*TASK REQUIREMENTS*. Retype only the lines from the top of the records to the line with "import ezdxf", including that line but none of the pictures.

Data items:
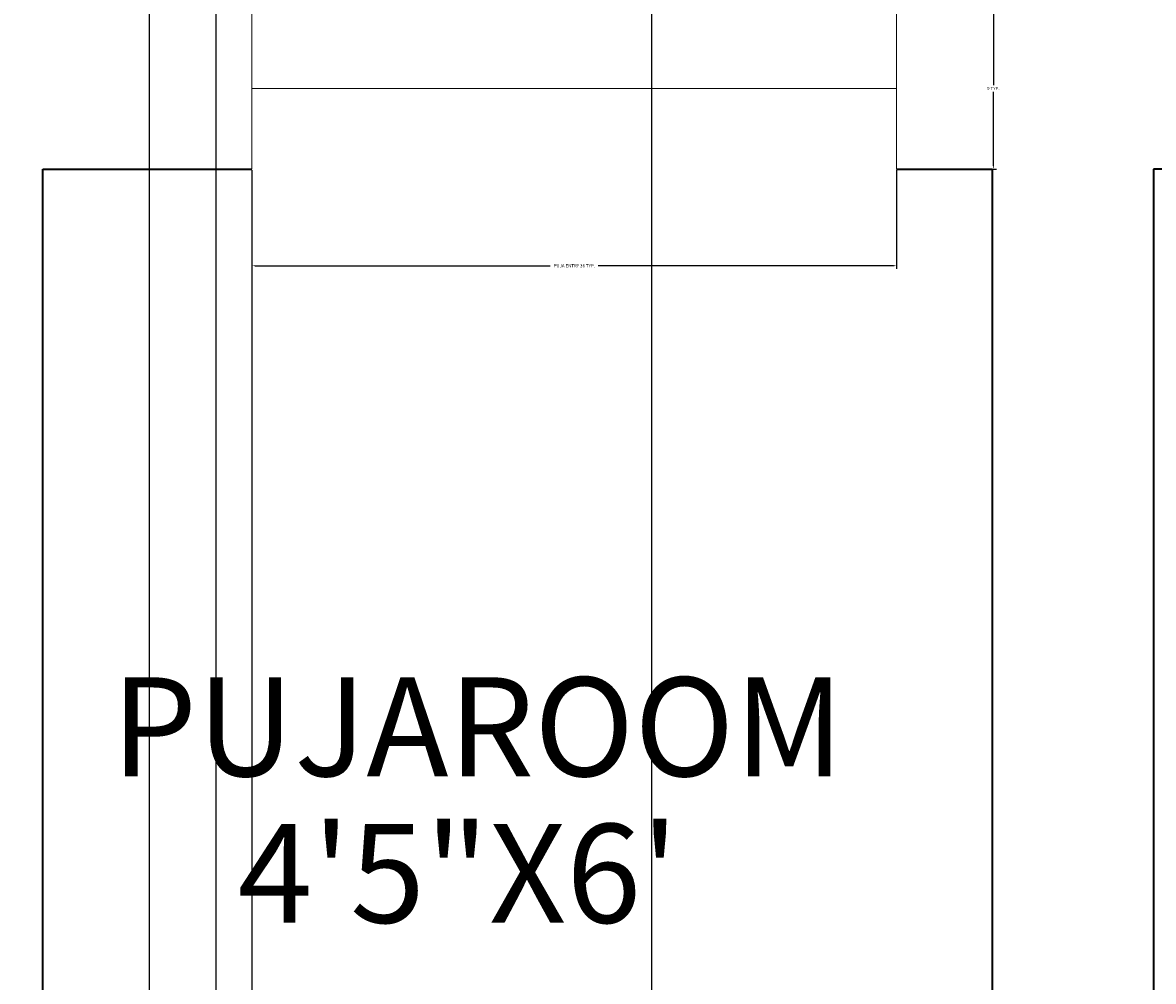
# Model space of a CAD drawing. Units: feet. Extents: x 1654 to 2985, y 1348 to 2230.
# Tile 16 of 53: x 2007 to 2070, y 1697 to 1750. Entities that reach past the tile are written whole.
import ezdxf

# ---------------------------------------------------------------- set-up
doc = ezdxf.new("R2010")
doc.units = ezdxf.units.FT
for name, color, linetype, lineweight in [('A-ANNO-DIMS', 2, 'Continuous', 18), ('A-AREA-IDEN', 7, 'Continuous', 18), ('A-WALL', 7, 'Continuous', 35), ('A-WALL-OPEN', 4, 'Continuous', 18)]:
    doc.layers.add(name, color=color, linetype=linetype, lineweight=lineweight)
doc.styles.get("Standard").update_dxf_attribs({"font": 'arial.ttf'})
doc.dimstyles.get("Standard").update_dxf_attribs({"dimtxt": 0.18, "dimasz": 0.18, "dimexe": 0.18, "dimexo": 0.0625, "dimgap": 0.09, "dimtad": 0, "dimtih": 1, "dimtoh": 1, "dimdec": 4, "dimzin": 0, "dimdsep": 46, "dimtxsty": 'Standard', "dimcen": 0.09, "dimadec": 0, "dimazin": 0, "dimtfac": 1, "dimtdec": 4, "dimtofl": 0, "dimtmove": 0, "dimatfit": 3, "dimfxl": 1, "dimtolj": 1, "dimtzin": 0, "dimarcsym": 0})

# ---------------------------------------------------------------- blocks, each defined once
blk = doc.blocks.new('OPENING-PUJA')
for p, q in [((0, 9), (0, 0)), ((36, 9), (36, 0)), ((0, 4.5), (36, 4.5))]:
    blk.add_line(p, q)
blk = doc.blocks.new('*D68')
at = {"layer": 'A-ANNO-DIMS', "color": 0, "lineweight": -2, "transparency": 16777216}
for p, q in [((2019.757, 1742.192), (2019.757, 1736.675)), ((2055.757, 1742.192), (2055.757, 1736.675)), ((2019.937, 1736.855), (2036.416, 1736.855)), ((2055.577, 1736.855), (2039.098, 1736.855))]:
    blk.add_line(p, q, dxfattribs=at)
at = {"layer": 'A-ANNO-DIMS', "color": 0, "transparency": 16777216}
for points in [[(2019.937, 1736.885), (2019.937, 1736.825), (2019.757, 1736.855)], [(2055.577, 1736.885), (2055.577, 1736.825), (2055.757, 1736.855)]]:
    blk.add_solid(points, dxfattribs=at)
at = {"layer": 'Defpoints', "color": 0, "transparency": 16777216}
for p in [(2019.757, 1742.255), (2055.757, 1742.255), (2055.757, 1736.855)]:
    blk.add_point(p, dxfattribs=at)
at = {"layer": 'A-ANNO-DIMS', "color": 0, "transparency": 16777216, "insert": (2037.757, 1736.855), "char_height": 0.18, "attachment_point": 5}
blk.add_mtext('\\A1;PUJA ENTRY 36 TYP.', dxfattribs=at)
blk = doc.blocks.new('*D69')
at = {"layer": 'A-ANNO-DIMS', "color": 0, "lineweight": -2, "transparency": 16777216}
for p, q in [((2055.819, 1751.255), (2061.337, 1751.255)), ((2061.157, 1751.075), (2061.157, 1746.937)), ((2061.157, 1742.435), (2061.157, 1746.573)), ((2055.819, 1742.255), (2061.337, 1742.255))]:
    blk.add_line(p, q, dxfattribs=at)
at = {"layer": 'A-ANNO-DIMS', "color": 0, "transparency": 16777216}
for points in [[(2061.127, 1751.075), (2061.187, 1751.075), (2061.157, 1751.255)], [(2061.127, 1742.435), (2061.187, 1742.435), (2061.157, 1742.255)]]:
    blk.add_solid(points, dxfattribs=at)
at = {"layer": 'Defpoints', "color": 0, "transparency": 16777216}
for p in [(2055.757, 1751.255), (2061.157, 1751.255), (2055.757, 1742.255)]:
    blk.add_point(p, dxfattribs=at)
at = {"layer": 'A-ANNO-DIMS', "color": 0, "transparency": 16777216, "insert": (2061.157, 1746.755), "char_height": 0.18, "attachment_point": 5}
blk.add_mtext('\\A1;9 TYP.', dxfattribs=at)
blk = doc.blocks.new('*D88')
at = {"layer": 'A-ANNO-DIMS', "color": 0, "lineweight": -2, "transparency": 16777216}
for p, q in [((2017.769, 1661.317), (2017.769, 2148.435)), ((2017.949, 2148.255), (2029.547, 2148.255)), ((2041.9, 2148.255), (2030.302, 2148.255)), ((2042.08, 1661.317), (2042.08, 2148.435))]:
    blk.add_line(p, q, dxfattribs=at)
at = {"layer": 'A-ANNO-DIMS', "color": 0, "transparency": 16777216}
for points in [[(2017.949, 2148.285), (2017.949, 2148.225), (2017.769, 2148.255)], [(2041.9, 2148.285), (2041.9, 2148.225), (2042.08, 2148.255)]]:
    blk.add_solid(points, dxfattribs=at)
at = {"layer": 'Defpoints', "color": 0, "transparency": 16777216}
for p in [(2017.769, 2148.255), (2017.769, 1661.255), (2042.08, 1661.255)]:
    blk.add_point(p, dxfattribs=at)
at = {"layer": 'A-ANNO-DIMS', "color": 0, "transparency": 16777216, "insert": (2029.925, 2148.255), "char_height": 0.18, "attachment_point": 5}
blk.add_mtext('\\A1;24.31', dxfattribs=at)
blk = doc.blocks.new('*D101')
at = {"layer": 'A-ANNO-DIMS', "color": 0, "lineweight": -2, "transparency": 16777216}
for p, q in [((1996.092, 2039.192), (1996.092, 1534.075)), ((2014.016, 2039.192), (2014.016, 1534.075)), ((1996.272, 1534.255), (2004.599, 1534.255)), ((2013.836, 1534.255), (2005.509, 1534.255))]:
    blk.add_line(p, q, dxfattribs=at)
at = {"layer": 'A-ANNO-DIMS', "color": 0, "transparency": 16777216}
for points in [[(1996.272, 1534.285), (1996.272, 1534.225), (1996.092, 1534.255)], [(2013.836, 1534.285), (2013.836, 1534.225), (2014.016, 1534.255)]]:
    blk.add_solid(points, dxfattribs=at)
at = {"layer": 'Defpoints', "color": 0, "transparency": 16777216}
for p in [(1996.092, 2039.255), (2014.016, 2039.255), (2014.016, 1534.255)]:
    blk.add_point(p, dxfattribs=at)
at = {"layer": 'A-ANNO-DIMS', "color": 0, "transparency": 16777216, "insert": (2005.054, 1534.255), "char_height": 0.18, "attachment_point": 5}
blk.add_mtext('\\A1;17.924', dxfattribs=at)
blk = doc.blocks.new('*D102')
at = {"layer": 'A-ANNO-DIMS', "color": 0, "lineweight": -2, "transparency": 16777216}
for p, q in [((2008.092, 1742.192), (2008.092, 1534.075)), ((2019.757, 1742.192), (2019.757, 1534.075)), ((2008.272, 1534.255), (2013.47, 1534.255)), ((2019.577, 1534.255), (2014.379, 1534.255))]:
    blk.add_line(p, q, dxfattribs=at)
at = {"layer": 'A-ANNO-DIMS', "color": 0, "transparency": 16777216}
for points in [[(2008.272, 1534.285), (2008.272, 1534.225), (2008.092, 1534.255)], [(2019.577, 1534.285), (2019.577, 1534.225), (2019.757, 1534.255)]]:
    blk.add_solid(points, dxfattribs=at)
at = {"layer": 'Defpoints', "color": 0, "transparency": 16777216}
for p in [(2008.092, 1742.255), (2019.757, 1742.255), (2019.757, 1534.255)]:
    blk.add_point(p, dxfattribs=at)
at = {"layer": 'A-ANNO-DIMS', "color": 0, "transparency": 16777216, "insert": (2013.925, 1534.255), "char_height": 0.18, "attachment_point": 5}
blk.add_mtext('\\A1;11.664', dxfattribs=at)

msp = doc.modelspace()

# ---------------------------------------------------------------- linework, layer by layer
at = {"layer": 'A-WALL'}
for p, q in [((2008.0924, 1670.2549), (2008.0924, 1742.2549)), ((2008.0924, 1742.2549), (2019.7567, 1742.2549)), ((2055.7567, 1742.2549), (2061.0924, 1742.2549)), ((2061.0924, 1742.2549), (2061.0924, 1670.2549)), ((2070.0924, 1742.2549), (2070.0924, 1661.2549)), ((2072.0924, 1742.2549), (2070.0924, 1742.2549))]:
    msp.add_line(p, q, dxfattribs=at)

# ---------------------------------------------------------------- block references
at = {"layer": 'A-WALL-OPEN'}
msp.add_blockref('OPENING-PUJA', (2019.757, 1742.255), dxfattribs=at)

# ---------------------------------------------------------------- texts
at = {"layer": 'A-AREA-IDEN'}
for s, p in [('PUJAROOM', (2011.9193, 1708.3501)), ('4\'5"X6\'', (2018.9644, 1700.1635))]:
    msp.add_text(s, height=5.52296, dxfattribs=at).set_placement(p)

# ---------------------------------------------------------------- dimensions: what is measured, and where the dimension line sits
at = {"layer": 'A-ANNO-DIMS'}
for base, p1, p2, override, picture, middle in [((2017.7694, 2148.2549), (2042.0798, 1661.2549), (2017.7694, 1661.2549), {"dimdec": 2, "dimlfac": 1, "dimrnd": 0, "dimzin": 0, "dimdsep": 46, "dimlunit": 2}, '*D88', (2029.9246, 2148.2549)), ((2014.016, 1534.2549), (1996.0924, 2039.2549), (2014.016, 2039.2549), {"dimdec": 3, "dimlfac": 1, "dimrnd": 0, "dimzin": 0, "dimdsep": 46, "dimlunit": 2}, '*D101', (2005.0542, 1534.2549)), ((2019.7567, 1534.2549), (2008.0924, 1742.2549), (2019.7567, 1742.2549), {"dimdec": 3, "dimlfac": 1, "dimrnd": 0, "dimzin": 0, "dimdsep": 46, "dimlunit": 2}, '*D102', (2013.9246, 1534.2549))]:
    dim = msp.add_linear_dim(base=base, p1=p1, p2=p2, dimstyle='Standard', override=override, dxfattribs=at)
    dim.commit()
    dim.dimension.update_dxf_attribs({"geometry": picture, "text_midpoint": middle})
dim = msp.add_linear_dim(base=(2061.1567, 1751.2549), p1=(2055.7567, 1742.2549), p2=(2055.7567, 1751.2549), angle=90, text='<> TYP.', dimstyle='Standard', override={"dimdec": 0, "dimlfac": 1, "dimrnd": 0, "dimzin": 0, "dimdsep": 46, "dimlunit": 2}, dxfattribs=at)
dim.commit()
dim.dimension.update_dxf_attribs({"geometry": '*D69', "text_midpoint": (2061.1567, 1746.7549)})
dim = msp.add_linear_dim(base=(2055.7567, 1736.8549), p1=(2019.7567, 1742.2549), p2=(2055.7567, 1742.2549), text='PUJA ENTRY <> TYP.', dimstyle='Standard', override={"dimdec": 0, "dimlfac": 1, "dimrnd": 0, "dimzin": 0, "dimdsep": 46, "dimlunit": 2}, dxfattribs=at)
dim.commit()
dim.dimension.update_dxf_attribs({"geometry": '*D68', "text_midpoint": (2037.7567, 1736.8549)})

doc.saveas('drawing.dxf')

*RESPONSE TO THE TASK*.
# Model space of a CAD drawing. Units: feet. Extents: x 1654 to 2985, y 1348 to 2230.
# Tile 16 of 53: x 2007 to 2070, y 1697 to 1750. Entities that reach past the tile are written whole.
import ezdxf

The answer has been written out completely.